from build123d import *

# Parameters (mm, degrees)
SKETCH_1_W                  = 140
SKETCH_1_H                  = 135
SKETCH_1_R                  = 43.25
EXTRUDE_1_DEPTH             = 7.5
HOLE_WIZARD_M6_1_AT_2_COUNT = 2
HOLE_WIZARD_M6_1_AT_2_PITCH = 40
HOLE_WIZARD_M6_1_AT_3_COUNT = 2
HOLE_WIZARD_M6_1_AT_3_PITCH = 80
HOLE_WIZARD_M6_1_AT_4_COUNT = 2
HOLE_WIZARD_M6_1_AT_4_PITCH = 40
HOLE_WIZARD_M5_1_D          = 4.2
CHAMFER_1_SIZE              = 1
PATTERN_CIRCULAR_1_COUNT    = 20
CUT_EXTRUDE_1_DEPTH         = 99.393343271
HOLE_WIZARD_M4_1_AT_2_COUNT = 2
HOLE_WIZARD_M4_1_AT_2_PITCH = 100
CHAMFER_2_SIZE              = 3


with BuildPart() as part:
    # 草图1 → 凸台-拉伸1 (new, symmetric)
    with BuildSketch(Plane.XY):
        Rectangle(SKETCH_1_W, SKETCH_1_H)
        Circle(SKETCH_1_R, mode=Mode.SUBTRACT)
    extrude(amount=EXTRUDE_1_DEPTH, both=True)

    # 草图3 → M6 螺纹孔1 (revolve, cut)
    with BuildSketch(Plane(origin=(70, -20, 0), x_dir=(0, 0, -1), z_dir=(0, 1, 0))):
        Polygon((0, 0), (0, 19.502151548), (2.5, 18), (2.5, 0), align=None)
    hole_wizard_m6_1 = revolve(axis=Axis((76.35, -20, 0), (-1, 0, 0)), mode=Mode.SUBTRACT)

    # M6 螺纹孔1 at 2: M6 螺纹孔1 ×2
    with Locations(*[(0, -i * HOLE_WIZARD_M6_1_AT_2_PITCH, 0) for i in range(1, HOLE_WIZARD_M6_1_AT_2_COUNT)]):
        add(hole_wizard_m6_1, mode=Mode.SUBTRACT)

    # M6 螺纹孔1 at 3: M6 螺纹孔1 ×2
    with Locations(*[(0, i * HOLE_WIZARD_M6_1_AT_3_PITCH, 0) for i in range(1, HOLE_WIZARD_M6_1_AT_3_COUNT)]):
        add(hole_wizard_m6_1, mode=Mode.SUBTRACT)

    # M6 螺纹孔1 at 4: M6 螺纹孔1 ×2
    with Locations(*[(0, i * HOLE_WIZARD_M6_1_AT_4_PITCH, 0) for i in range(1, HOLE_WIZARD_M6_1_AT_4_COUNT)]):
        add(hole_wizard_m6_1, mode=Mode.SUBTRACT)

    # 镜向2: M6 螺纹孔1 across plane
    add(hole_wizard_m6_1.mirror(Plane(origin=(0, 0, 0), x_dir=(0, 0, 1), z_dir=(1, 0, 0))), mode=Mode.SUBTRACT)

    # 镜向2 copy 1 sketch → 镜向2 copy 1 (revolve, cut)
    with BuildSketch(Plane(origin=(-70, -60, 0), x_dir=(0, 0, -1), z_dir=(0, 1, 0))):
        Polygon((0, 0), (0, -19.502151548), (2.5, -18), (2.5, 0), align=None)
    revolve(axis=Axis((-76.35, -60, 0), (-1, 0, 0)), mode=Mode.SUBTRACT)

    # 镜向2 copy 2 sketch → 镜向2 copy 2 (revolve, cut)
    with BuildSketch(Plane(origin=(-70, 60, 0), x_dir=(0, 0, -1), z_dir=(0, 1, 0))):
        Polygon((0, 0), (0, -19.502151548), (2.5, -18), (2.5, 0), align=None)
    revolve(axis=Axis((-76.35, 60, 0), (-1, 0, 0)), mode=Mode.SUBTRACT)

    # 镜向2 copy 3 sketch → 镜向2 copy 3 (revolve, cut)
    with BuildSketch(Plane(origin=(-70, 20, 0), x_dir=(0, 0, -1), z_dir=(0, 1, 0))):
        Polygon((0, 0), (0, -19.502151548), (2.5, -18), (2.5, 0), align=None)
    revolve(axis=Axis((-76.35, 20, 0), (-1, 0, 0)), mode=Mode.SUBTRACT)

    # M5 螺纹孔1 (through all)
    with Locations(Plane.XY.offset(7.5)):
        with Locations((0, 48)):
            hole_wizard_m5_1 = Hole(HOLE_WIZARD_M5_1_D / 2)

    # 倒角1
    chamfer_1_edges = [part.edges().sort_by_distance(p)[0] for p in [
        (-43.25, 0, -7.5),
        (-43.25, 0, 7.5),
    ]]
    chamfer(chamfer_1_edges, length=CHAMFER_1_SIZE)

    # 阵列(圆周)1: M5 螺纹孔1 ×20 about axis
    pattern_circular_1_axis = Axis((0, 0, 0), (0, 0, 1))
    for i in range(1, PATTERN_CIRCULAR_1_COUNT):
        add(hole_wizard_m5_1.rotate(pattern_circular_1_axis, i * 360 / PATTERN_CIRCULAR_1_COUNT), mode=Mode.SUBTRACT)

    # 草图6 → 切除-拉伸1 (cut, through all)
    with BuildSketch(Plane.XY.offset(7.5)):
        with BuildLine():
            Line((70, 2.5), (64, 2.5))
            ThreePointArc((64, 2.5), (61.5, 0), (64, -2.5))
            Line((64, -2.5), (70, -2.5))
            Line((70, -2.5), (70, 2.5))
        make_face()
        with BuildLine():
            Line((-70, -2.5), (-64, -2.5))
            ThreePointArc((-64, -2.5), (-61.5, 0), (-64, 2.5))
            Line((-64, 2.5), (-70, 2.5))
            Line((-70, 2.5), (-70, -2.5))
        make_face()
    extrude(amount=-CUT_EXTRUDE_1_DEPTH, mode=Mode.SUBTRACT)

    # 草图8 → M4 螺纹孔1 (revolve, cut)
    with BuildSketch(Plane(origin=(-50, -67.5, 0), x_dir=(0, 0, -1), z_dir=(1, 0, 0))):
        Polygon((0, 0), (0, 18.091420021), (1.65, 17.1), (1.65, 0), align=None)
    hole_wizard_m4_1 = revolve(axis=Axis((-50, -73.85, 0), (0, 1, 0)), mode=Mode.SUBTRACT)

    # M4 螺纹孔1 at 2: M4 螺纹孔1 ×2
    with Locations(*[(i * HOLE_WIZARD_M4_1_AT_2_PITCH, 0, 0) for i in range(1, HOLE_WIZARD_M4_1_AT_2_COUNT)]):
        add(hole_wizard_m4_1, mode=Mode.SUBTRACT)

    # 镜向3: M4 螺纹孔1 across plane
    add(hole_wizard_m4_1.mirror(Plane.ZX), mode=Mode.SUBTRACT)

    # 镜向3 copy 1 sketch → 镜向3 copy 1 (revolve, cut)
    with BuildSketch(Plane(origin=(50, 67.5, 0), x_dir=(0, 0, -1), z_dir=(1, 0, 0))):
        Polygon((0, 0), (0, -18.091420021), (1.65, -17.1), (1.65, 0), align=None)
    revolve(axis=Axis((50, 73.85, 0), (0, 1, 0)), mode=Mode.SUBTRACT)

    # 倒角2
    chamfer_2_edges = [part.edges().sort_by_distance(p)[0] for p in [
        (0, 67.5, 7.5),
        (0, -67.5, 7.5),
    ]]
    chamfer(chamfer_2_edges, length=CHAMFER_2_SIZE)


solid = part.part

--------------------------------------------------

Exercise details: Go through the data and gather every line that holds "amount".

Response to this task:
    extrude(amount=EXTRUDE_1_DEPTH, both=True)
    extrude(amount=-CUT_EXTRUDE_1_DEPTH, mode=Mode.SUBTRACT)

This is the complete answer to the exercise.